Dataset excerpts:
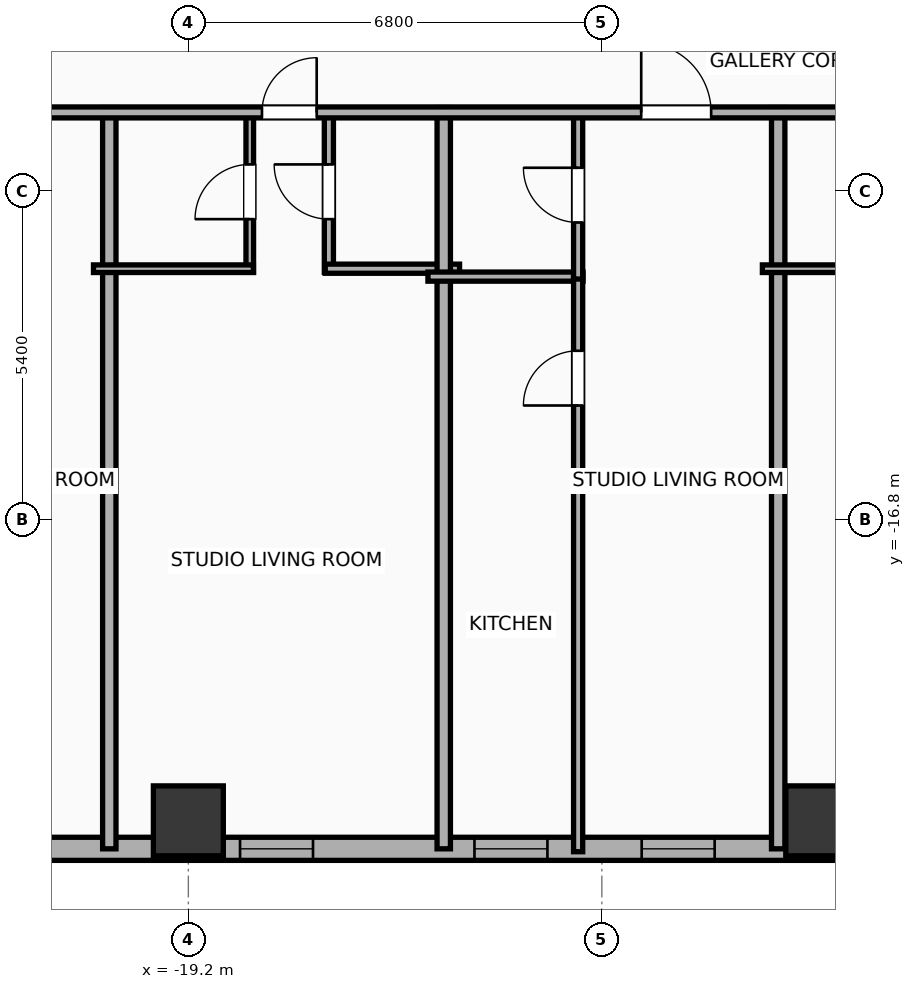
"""IFC4 building model, lengths in metres.
Left out: names, types, materials, properties, quantities, classifications, styles, units other than length and angle.
Written with IfcOpenShell. Run it as: python <this file> out.ifc"""

import sys

from ifc_helpers import new_model, si_unit, direction, frame, frame_2d, origin, origin_2d, place, context, subcontext, project, spatial, rectangle, hollow_rectangle, extrude, element, fill, save


model = new_model("IFC4")
c1 = context("Model", 3, precision=1e-05, world=origin(), true_north=direction((0.0, 1.0)))
c2 = subcontext(c1, "Body", "Model", "MODEL_VIEW")
j1 = project(units=[si_unit("LENGTHUNIT", "METRE"), si_unit("PLANEANGLEUNIT", "RADIAN")], contexts=[c1])
p1 = place(None, origin())
s1 = spatial("IfcSite", under=j1, at=p1, CompositionType="ELEMENT")
p2 = place(p1, origin())
s2 = spatial("IfcBuilding", under=s1, at=p2, CompositionType="ELEMENT")
p3 = place(p2, frame((0.0, 0.0, 33.8)))
s3 = spatial("IfcBuildingStorey", under=s2, at=p3, CompositionType="ELEMENT", Elevation=33.8)
for number, where, z_axis, x_axis in (
    (1, (-19.2, -21.75, 0.0), (0.0, 0.0, 1.0), (1.0, 0.0, 0.0)),
    (2, (-8.8, -21.75, 0.0), (0.0, 0.0, 1.0), (1.0, 0.0, 0.0)),
):
    element("IfcColumn", number, at=place(p3, frame(where, z_axis=z_axis, x_axis=x_axis)), inside=s3, PredefinedType="COLUMN", context=c2, shape_type="SweptSolid", body=[
        extrude(hollow_rectangle(XDim=1.15, YDim=1.15, WallThickness=0.04, at=origin_2d()), origin(), (0.0, 0.0, 1.0), 3.9),
    ])
p4 = place(p3, frame((22.381, -22.21, 0.0), z_axis=(0.0, 0.0, 1.0), x_axis=(-1.0, 0.0, 0.0)))
e3 = element("IfcWall", 3, at=p4, inside=s3, PredefinedType="ELEMENTEDWALL", context=c2, shape_type="SweptSolid", body=[
    extrude(rectangle(XDim=51.963, YDim=0.38, at=frame_2d((25.981, 0.0))), origin(), (0.0, 0.0, 1.0), 3.65),
])
p5 = place(p4, frame((49.127, 0.0, 0.75)))
e4 = element("IfcOpeningElement", 4, at=p5, cuts=e3, PredefinedType="OPENING", context=c2, shape_type="SweptSolid", body=[
    extrude(rectangle(XDim=1.2, YDim=2.05, at=frame_2d((0.6, 1.025))), frame((0.0, 0.2, 0.0), z_axis=(0.0, -1.0, 0.0), x_axis=(1.0, 0.0, 0.0)), (0.0, 0.0, 1.0), 0.4),
])
p6 = place(p4, frame((43.926, 0.0, 0.75)))
e5 = element("IfcOpeningElement", 5, at=p6, cuts=e3, PredefinedType="OPENING", context=c2, shape_type="SweptSolid", body=[
    extrude(rectangle(XDim=1.2, YDim=2.05, at=frame_2d((0.6, 1.025))), frame((0.0, 0.2, 0.0), z_axis=(0.0, -1.0, 0.0), x_axis=(1.0, 0.0, 0.0)), (0.0, 0.0, 1.0), 0.4),
])
p7 = place(p4, frame((46.676, 0.0, 0.75)))
e6 = element("IfcOpeningElement", 6, at=p7, cuts=e3, PredefinedType="OPENING", context=c2, shape_type="SweptSolid", body=[
    extrude(rectangle(XDim=1.2, YDim=2.05, at=frame_2d((0.6, 1.025))), frame((0.0, 0.2, 0.0), z_axis=(0.0, -1.0, 0.0), x_axis=(1.0, 0.0, 0.0)), (0.0, 0.0, 1.0), 0.4),
])
p8 = place(p4, frame((39.531, 0.0, 0.75)))
e7 = element("IfcOpeningElement", 7, at=p8, cuts=e3, PredefinedType="OPENING", context=c2, shape_type="SweptSolid", body=[
    extrude(rectangle(XDim=1.2, YDim=2.05, at=frame_2d((0.6, 1.025))), frame((0.0, 0.2, 0.0), z_axis=(0.0, -1.0, 0.0), x_axis=(1.0, 0.0, 0.0)), (0.0, 0.0, 1.0), 0.4),
])
p9 = place(p4, frame((32.926, 0.0, 0.75)))
e8 = element("IfcOpeningElement", 8, at=p9, cuts=e3, PredefinedType="OPENING", context=c2, shape_type="SweptSolid", body=[
    extrude(rectangle(XDim=1.2, YDim=2.05, at=frame_2d((0.6, 1.025))), frame((0.0, 0.2, 0.0), z_axis=(0.0, -1.0, 0.0), x_axis=(1.0, 0.0, 0.0)), (0.0, 0.0, 1.0), 0.4),
])
p10 = place(p4, frame((35.676, 0.0, 0.75)))
e9 = element("IfcOpeningElement", 9, at=p10, cuts=e3, PredefinedType="OPENING", context=c2, shape_type="SweptSolid", body=[
    extrude(rectangle(XDim=1.2, YDim=2.05, at=frame_2d((0.6, 1.025))), frame((0.0, 0.2, 0.0), z_axis=(0.0, -1.0, 0.0), x_axis=(1.0, 0.0, 0.0)), (0.0, 0.0, 1.0), 0.4),
])
p11 = place(p4, frame((28.531, 0.0, 0.75)))
e10 = element("IfcOpeningElement", 10, at=p11, cuts=e3, PredefinedType="OPENING", context=c2, shape_type="SweptSolid", body=[
    extrude(rectangle(XDim=1.2, YDim=2.05, at=frame_2d((0.6, 1.025))), frame((0.0, 0.2, 0.0), z_axis=(0.0, -1.0, 0.0), x_axis=(1.0, 0.0, 0.0)), (0.0, 0.0, 1.0), 0.4),
])
p12 = place(p4, frame((21.926, 0.0, 0.75)))
e11 = element("IfcOpeningElement", 11, at=p12, cuts=e3, PredefinedType="OPENING", context=c2, shape_type="SweptSolid", body=[
    extrude(rectangle(XDim=1.2, YDim=2.05, at=frame_2d((0.6, 1.025))), frame((0.0, 0.2, 0.0), z_axis=(0.0, -1.0, 0.0), x_axis=(1.0, 0.0, 0.0)), (0.0, 0.0, 1.0), 0.4),
])
p13 = place(p4, frame((24.676, 0.0, 0.75)))
e12 = element("IfcOpeningElement", 12, at=p13, cuts=e3, PredefinedType="OPENING", context=c2, shape_type="SweptSolid", body=[
    extrude(rectangle(XDim=1.2, YDim=2.05, at=frame_2d((0.6, 1.025))), frame((0.0, 0.2, 0.0), z_axis=(0.0, -1.0, 0.0), x_axis=(1.0, 0.0, 0.0)), (0.0, 0.0, 1.0), 0.4),
])
p14 = place(p4, frame((18.636, 0.0, 0.75)))
e13 = element("IfcOpeningElement", 13, at=p14, cuts=e3, PredefinedType="OPENING", context=c2, shape_type="SweptSolid", body=[
    extrude(rectangle(XDim=1.2, YDim=2.05, at=frame_2d((0.6, 1.025))), frame((0.0, 0.2, 0.0), z_axis=(0.0, -1.0, 0.0), x_axis=(1.0, 0.0, 0.0)), (0.0, 0.0, 1.0), 0.4),
])
p15 = place(p4, frame((15.886, 0.0, 0.75)))
e14 = element("IfcOpeningElement", 14, at=p15, cuts=e3, PredefinedType="OPENING", context=c2, shape_type="SweptSolid", body=[
    extrude(rectangle(XDim=1.2, YDim=2.05, at=frame_2d((0.6, 1.025))), frame((0.0, 0.2, 0.0), z_axis=(0.0, -1.0, 0.0), x_axis=(1.0, 0.0, 0.0)), (0.0, 0.0, 1.0), 0.4),
])
p16 = place(p4, frame((12.031, 0.0, 0.75)))
e15 = element("IfcOpeningElement", 15, at=p16, cuts=e3, PredefinedType="OPENING", context=c2, shape_type="SweptSolid", body=[
    extrude(rectangle(XDim=1.2, YDim=2.05, at=frame_2d((0.6, 1.025))), frame((0.0, 0.2, 0.0), z_axis=(0.0, -1.0, 0.0), x_axis=(1.0, 0.0, 0.0)), (0.0, 0.0, 1.0), 0.4),
])
p17 = place(p4, frame((7.636, 0.0, 0.75)))
e16 = element("IfcOpeningElement", 16, at=p17, cuts=e3, PredefinedType="OPENING", context=c2, shape_type="SweptSolid", body=[
    extrude(rectangle(XDim=1.2, YDim=2.05, at=frame_2d((0.6, 1.025))), frame((0.0, 0.2, 0.0), z_axis=(0.0, -1.0, 0.0), x_axis=(1.0, 0.0, 0.0)), (0.0, 0.0, 1.0), 0.4),
])
p18 = place(p4, frame((4.886, 0.0, 0.75)))
e17 = element("IfcOpeningElement", 17, at=p18, cuts=e3, PredefinedType="OPENING", context=c2, shape_type="SweptSolid", body=[
    extrude(rectangle(XDim=1.2, YDim=2.05, at=frame_2d((0.6, 1.025))), frame((0.0, 0.2, 0.0), z_axis=(0.0, -1.0, 0.0), x_axis=(1.0, 0.0, 0.0)), (0.0, 0.0, 1.0), 0.4),
])
p19 = place(p4, frame((2.036, 0.0, 0.75)))
e18 = element("IfcOpeningElement", 18, at=p19, cuts=e3, PredefinedType="OPENING", context=c2, shape_type="SweptSolid", body=[
    extrude(rectangle(XDim=1.2, YDim=2.05, at=frame_2d((0.6, 1.025))), frame((0.0, 0.2, 0.0), z_axis=(0.0, -1.0, 0.0), x_axis=(1.0, 0.0, 0.0)), (0.0, 0.0, 1.0), 0.4),
])
p20 = place(p3, frame((-20.5, -22.21, 0.0), z_axis=(0.0, 0.0, 1.0), x_axis=(0.0, 1.0, 0.0)))
e19 = element("IfcWall", 19, at=p20, inside=s3, PredefinedType="PARTITIONING", context=c2, shape_type="SweptSolid", body=[
    extrude(rectangle(XDim=12.19, YDim=0.22, at=frame_2d((6.095, 0.0))), origin(), (0.0, 0.0, 1.0), 3.65),
])
p21 = place(p3, frame((-18.19, -12.73, 0.0), z_axis=(0.0, 0.0, 1.0), x_axis=(0.0, 1.0, 0.0)))
e20 = element("IfcWall", 20, at=p21, inside=s3, PredefinedType="PARTITIONING", context=c2, shape_type="SweptSolid", body=[
    extrude(rectangle(XDim=2.65, YDim=0.125, at=frame_2d((1.325, 0.0))), origin(), (0.0, 0.0, 1.0), 3.65),
])
p22 = place(p21, frame((0.875, 0.0, 0.0)))
e21 = element("IfcOpeningElement", 21, at=p22, cuts=e20, PredefinedType="OPENING", context=c2, shape_type="SweptSolid", body=[
    extrude(rectangle(XDim=0.9, YDim=2.05, at=frame_2d((0.45, 1.025))), frame((0.0, 0.073, 0.0), z_axis=(0.0, -1.0, 0.0), x_axis=(1.0, 0.0, 0.0)), (0.0, 0.0, 1.0), 0.145),
])
p23 = place(p3, frame((-16.889, -12.73, 0.0), z_axis=(0.0, 0.0, 1.0), x_axis=(0.0, 1.0, 0.0)))
e22 = element("IfcWall", 22, at=p23, inside=s3, PredefinedType="PLUMBINGWALL", context=c2, shape_type="SweptSolid", body=[
    extrude(rectangle(XDim=2.65, YDim=0.15, at=frame_2d((1.325, 0.0))), origin(), (0.0, 0.0, 1.0), 3.65),
])
p24 = place(p23, frame((0.875, 0.0, 0.0)))
e23 = element("IfcOpeningElement", 23, at=p24, cuts=e22, PredefinedType="OPENING", context=c2, shape_type="SweptSolid", body=[
    extrude(rectangle(XDim=0.9, YDim=2.05, at=frame_2d((0.45, 1.025))), frame((0.0, 0.085, 0.0), z_axis=(0.0, -1.0, 0.0), x_axis=(1.0, 0.0, 0.0)), (0.0, 0.0, 1.0), 0.17),
])
p25 = place(p3, frame((-20.76, -12.67, 0.0), z_axis=(0.0, 0.0, 1.0), x_axis=(1.0, 0.0, 0.0)))
e24 = element("IfcWall", 24, at=p25, inside=s3, PredefinedType="PARTITIONING", context=c2, shape_type="SweptSolid", body=[
    extrude(rectangle(XDim=2.63, YDim=0.125, at=frame_2d((1.315, 0.0))), origin(), (0.0, 0.0, 1.0), 3.65),
])
p26 = place(p3, frame((-16.949, -12.67, 0.0), z_axis=(0.0, 0.0, 1.0), x_axis=(1.0, 0.0, 0.0)))
e25 = element("IfcWall", 25, at=p26, inside=s3, PredefinedType="PLUMBINGWALL", context=c2, shape_type="SweptSolid", body=[
    extrude(rectangle(XDim=2.209, YDim=0.15, at=frame_2d((1.104, 0.0))), origin(), (0.0, 0.0, 1.0), 3.65),
])
p27 = place(p3, frame((-15.0, -22.21, 0.0), z_axis=(0.0, 0.0, 1.0), x_axis=(0.0, 1.0, 0.0)))
e26 = element("IfcWall", 26, at=p27, inside=s3, PredefinedType="PARTITIONING", context=c2, shape_type="SweptSolid", body=[
    extrude(rectangle(XDim=12.19, YDim=0.22, at=frame_2d((6.095, 0.0))), origin(), (0.0, 0.0, 1.0), 3.65),
])
p28 = place(p3, frame((-15.26, -12.8, 0.0), z_axis=(0.0, 0.0, 1.0), x_axis=(1.0, 0.0, 0.0)))
e27 = element("IfcWall", 27, at=p28, inside=s3, PredefinedType="PLUMBINGWALL", context=c2, shape_type="SweptSolid", body=[
    extrude(rectangle(XDim=2.55, YDim=0.15, at=frame_2d((1.275, 0.0))), origin(), (0.0, 0.0, 1.0), 3.65),
])
p29 = place(p3, frame((-12.79, -22.258, 0.0), z_axis=(0.0, 0.0, 1.0), x_axis=(0.0, 1.0, 0.0)))
e28 = element("IfcWall", 28, at=p29, inside=s3, PredefinedType="PLUMBINGWALL", context=c2, shape_type="SweptSolid", body=[
    extrude(rectangle(XDim=9.498, YDim=0.15, at=frame_2d((4.749, 0.0))), origin(), (0.0, 0.0, 1.0), 3.65),
])
p30 = place(p29, frame((7.338, 0.0, 0.0)))
e29 = element("IfcOpeningElement", 29, at=p30, cuts=e28, PredefinedType="OPENING", context=c2, shape_type="SweptSolid", body=[
    extrude(rectangle(XDim=0.9, YDim=2.05, at=frame_2d((0.45, 1.025))), frame((0.0, 0.085, 0.0), z_axis=(0.0, -1.0, 0.0), x_axis=(1.0, 0.0, 0.0)), (0.0, 0.0, 1.0), 0.17),
])
p31 = place(p3, frame((-12.79, -12.84, 0.0), z_axis=(0.0, 0.0, 1.0), x_axis=(0.0, 1.0, 0.0)))
e30 = element("IfcWall", 30, at=p31, inside=s3, PredefinedType="PLUMBINGWALL", context=c2, shape_type="SweptSolid", body=[
    extrude(rectangle(XDim=2.76, YDim=0.15, at=frame_2d((1.38, 0.0))), origin(), (0.0, 0.0, 1.0), 3.65),
])
p32 = place(p31, frame((0.93, 0.0, 0.0)))
e31 = element("IfcOpeningElement", 31, at=p32, cuts=e30, PredefinedType="OPENING", context=c2, shape_type="SweptSolid", body=[
    extrude(rectangle(XDim=0.9, YDim=2.05, at=frame_2d((0.45, 1.025))), frame((0.0, 0.085, 0.0), z_axis=(0.0, -1.0, 0.0), x_axis=(1.0, 0.0, 0.0)), (0.0, 0.0, 1.0), 0.17),
])
p33 = place(p3, frame((-9.5, -22.21, 0.0), z_axis=(0.0, 0.0, 1.0), x_axis=(0.0, 1.0, 0.0)))
e32 = element("IfcWall", 32, at=p33, inside=s3, PredefinedType="PARTITIONING", context=c2, shape_type="SweptSolid", body=[
    extrude(rectangle(XDim=12.19, YDim=0.22, at=frame_2d((6.095, 0.0))), origin(), (0.0, 0.0, 1.0), 2.94),
])
p34 = place(p3, frame((-9.76, -12.67, 0.0), z_axis=(0.0, 0.0, 1.0), x_axis=(1.0, 0.0, 0.0)))
e33 = element("IfcWall", 33, at=p34, inside=s3, PredefinedType="PARTITIONING", context=c2, shape_type="SweptSolid", body=[
    extrude(rectangle(XDim=2.63, YDim=0.125, at=frame_2d((1.315, 0.0))), origin(), (0.0, 0.0, 1.0), 3.65),
])
p35 = place(p3, frame((-33.41, -10.1, 0.0), z_axis=(0.0, 0.0, 1.0), x_axis=(1.0, 0.0, 0.0)))
e34 = element("IfcWall", 34, at=p35, inside=s3, PredefinedType="PARTITIONING", context=c2, shape_type="SweptSolid", body=[
    extrude(rectangle(XDim=59.62, YDim=0.18, at=frame_2d((29.81, 0.0))), origin(), (0.0, 0.0, 1.0), 3.65),
])
p36 = place(p35, frame((3.259, 0.0, 0.0)))
e35 = element("IfcOpeningElement", 35, at=p36, cuts=e34, PredefinedType="OPENING", context=c2, shape_type="SweptSolid", body=[
    extrude(rectangle(XDim=1.15, YDim=2.05, at=frame_2d((0.575, 1.025))), frame((0.0, 0.1, 0.0), z_axis=(0.0, -1.0, 0.0), x_axis=(1.0, 0.0, 0.0)), (0.0, 0.0, 1.0), 0.2),
])
p37 = place(p35, frame((10.657, 0.0, 0.0)))
e36 = element("IfcOpeningElement", 36, at=p37, cuts=e34, PredefinedType="OPENING", context=c2, shape_type="SweptSolid", body=[
    extrude(rectangle(XDim=1.15, YDim=2.05, at=frame_2d((0.575, 1.025))), frame((0.0, 0.1, 0.0), z_axis=(0.0, -1.0, 0.0), x_axis=(1.0, 0.0, 0.0)), (0.0, 0.0, 1.0), 0.2),
])
p38 = place(p35, frame((15.421, 0.0, 0.0)))
e37 = element("IfcOpeningElement", 37, at=p38, cuts=e34, PredefinedType="OPENING", context=c2, shape_type="SweptSolid", body=[
    extrude(rectangle(XDim=0.9, YDim=2.05, at=frame_2d((0.45, 1.025))), frame((0.0, 0.1, 0.0), z_axis=(0.0, -1.0, 0.0), x_axis=(1.0, 0.0, 0.0)), (0.0, 0.0, 1.0), 0.2),
])
p39 = place(p35, frame((21.657, 0.0, 0.0)))
e38 = element("IfcOpeningElement", 38, at=p39, cuts=e34, PredefinedType="OPENING", context=c2, shape_type="SweptSolid", body=[
    extrude(rectangle(XDim=1.15, YDim=2.05, at=frame_2d((0.575, 1.025))), frame((0.0, 0.1, 0.0), z_axis=(0.0, -1.0, 0.0), x_axis=(1.0, 0.0, 0.0)), (0.0, 0.0, 1.0), 0.2),
])
p40 = place(p35, frame((26.421, 0.0, 0.0)))
e39 = element("IfcOpeningElement", 39, at=p40, cuts=e34, PredefinedType="OPENING", context=c2, shape_type="SweptSolid", body=[
    extrude(rectangle(XDim=0.9, YDim=2.05, at=frame_2d((0.45, 1.025))), frame((0.0, 0.1, 0.0), z_axis=(0.0, -1.0, 0.0), x_axis=(1.0, 0.0, 0.0)), (0.0, 0.0, 1.0), 0.2),
])
p41 = place(p35, frame((32.657, 0.0, 0.0)))
e40 = element("IfcOpeningElement", 40, at=p41, cuts=e34, PredefinedType="OPENING", context=c2, shape_type="SweptSolid", body=[
    extrude(rectangle(XDim=1.15, YDim=2.05, at=frame_2d((0.575, 1.025))), frame((0.0, 0.1, 0.0), z_axis=(0.0, -1.0, 0.0), x_axis=(1.0, 0.0, 0.0)), (0.0, 0.0, 1.0), 0.2),
])
p42 = place(p35, frame((36.008, 0.0, 0.0)))
e41 = element("IfcOpeningElement", 41, at=p42, cuts=e34, PredefinedType="OPENING", context=c2, shape_type="SweptSolid", body=[
    extrude(rectangle(XDim=1.15, YDim=2.05, at=frame_2d((0.575, 1.025))), frame((0.0, 0.1, 0.0), z_axis=(0.0, -1.0, 0.0), x_axis=(1.0, 0.0, 0.0)), (0.0, 0.0, 1.0), 0.2),
])
p43 = place(p35, frame((42.917, 0.0, 0.0)))
e42 = element("IfcOpeningElement", 42, at=p43, cuts=e34, PredefinedType="OPENING", context=c2, shape_type="SweptSolid", body=[
    extrude(rectangle(XDim=0.9, YDim=2.05, at=frame_2d((0.45, 1.025))), frame((0.0, 0.1, 0.0), z_axis=(0.0, -1.0, 0.0), x_axis=(1.0, 0.0, 0.0)), (0.0, 0.0, 1.0), 0.2),
])
p44 = place(p35, frame((47.008, 0.0, 0.0)))
e43 = element("IfcOpeningElement", 43, at=p44, cuts=e34, PredefinedType="OPENING", context=c2, shape_type="SweptSolid", body=[
    extrude(rectangle(XDim=1.15, YDim=2.05, at=frame_2d((0.575, 1.025))), frame((0.0, 0.1, 0.0), z_axis=(0.0, -1.0, 0.0), x_axis=(1.0, 0.0, 0.0)), (0.0, 0.0, 1.0), 0.2),
])
p45 = place(p35, frame((55.14, 0.0, 0.0)))
e44 = element("IfcOpeningElement", 44, at=p45, cuts=e34, PredefinedType="OPENING", context=c2, shape_type="SweptSolid", body=[
    extrude(rectangle(XDim=1.15, YDim=2.05, at=frame_2d((0.575, 1.025))), frame((0.0, 0.1, 0.0), z_axis=(0.0, -1.0, 0.0), x_axis=(1.0, 0.0, 0.0)), (0.0, 0.0, 1.0), 0.2),
])
p46 = place(p8, origin())
e45 = element("IfcWindow", 45, at=p46, inside=s3, PartitioningType="SINGLE_PANEL", PredefinedType="WINDOW", context=c2, shape_type="SweptSolid", body=[
    extrude(rectangle(XDim=1.2, YDim=2.05, at=frame_2d((0.6, 1.025))), frame((0.0, 0.03, 0.0), z_axis=(0.0, -1.0, 0.0), x_axis=(1.0, 0.0, 0.0)), (0.0, 0.0, 1.0), 0.06),
])
fill(e7, e45)
p47 = place(p9, origin())
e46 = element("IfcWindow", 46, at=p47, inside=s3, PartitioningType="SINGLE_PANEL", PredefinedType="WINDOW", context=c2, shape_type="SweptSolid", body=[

Goal of the exercise: In the records above, find every line that contains the word "import" and copy it.

Exercise solution:
import sys
from ifc_helpers import new_model, si_unit, direction, frame, frame_2d, origin, origin_2d, place, context, subcontext, project, spatial, rectangle, hollow_rectangle, extrude, element, fill, save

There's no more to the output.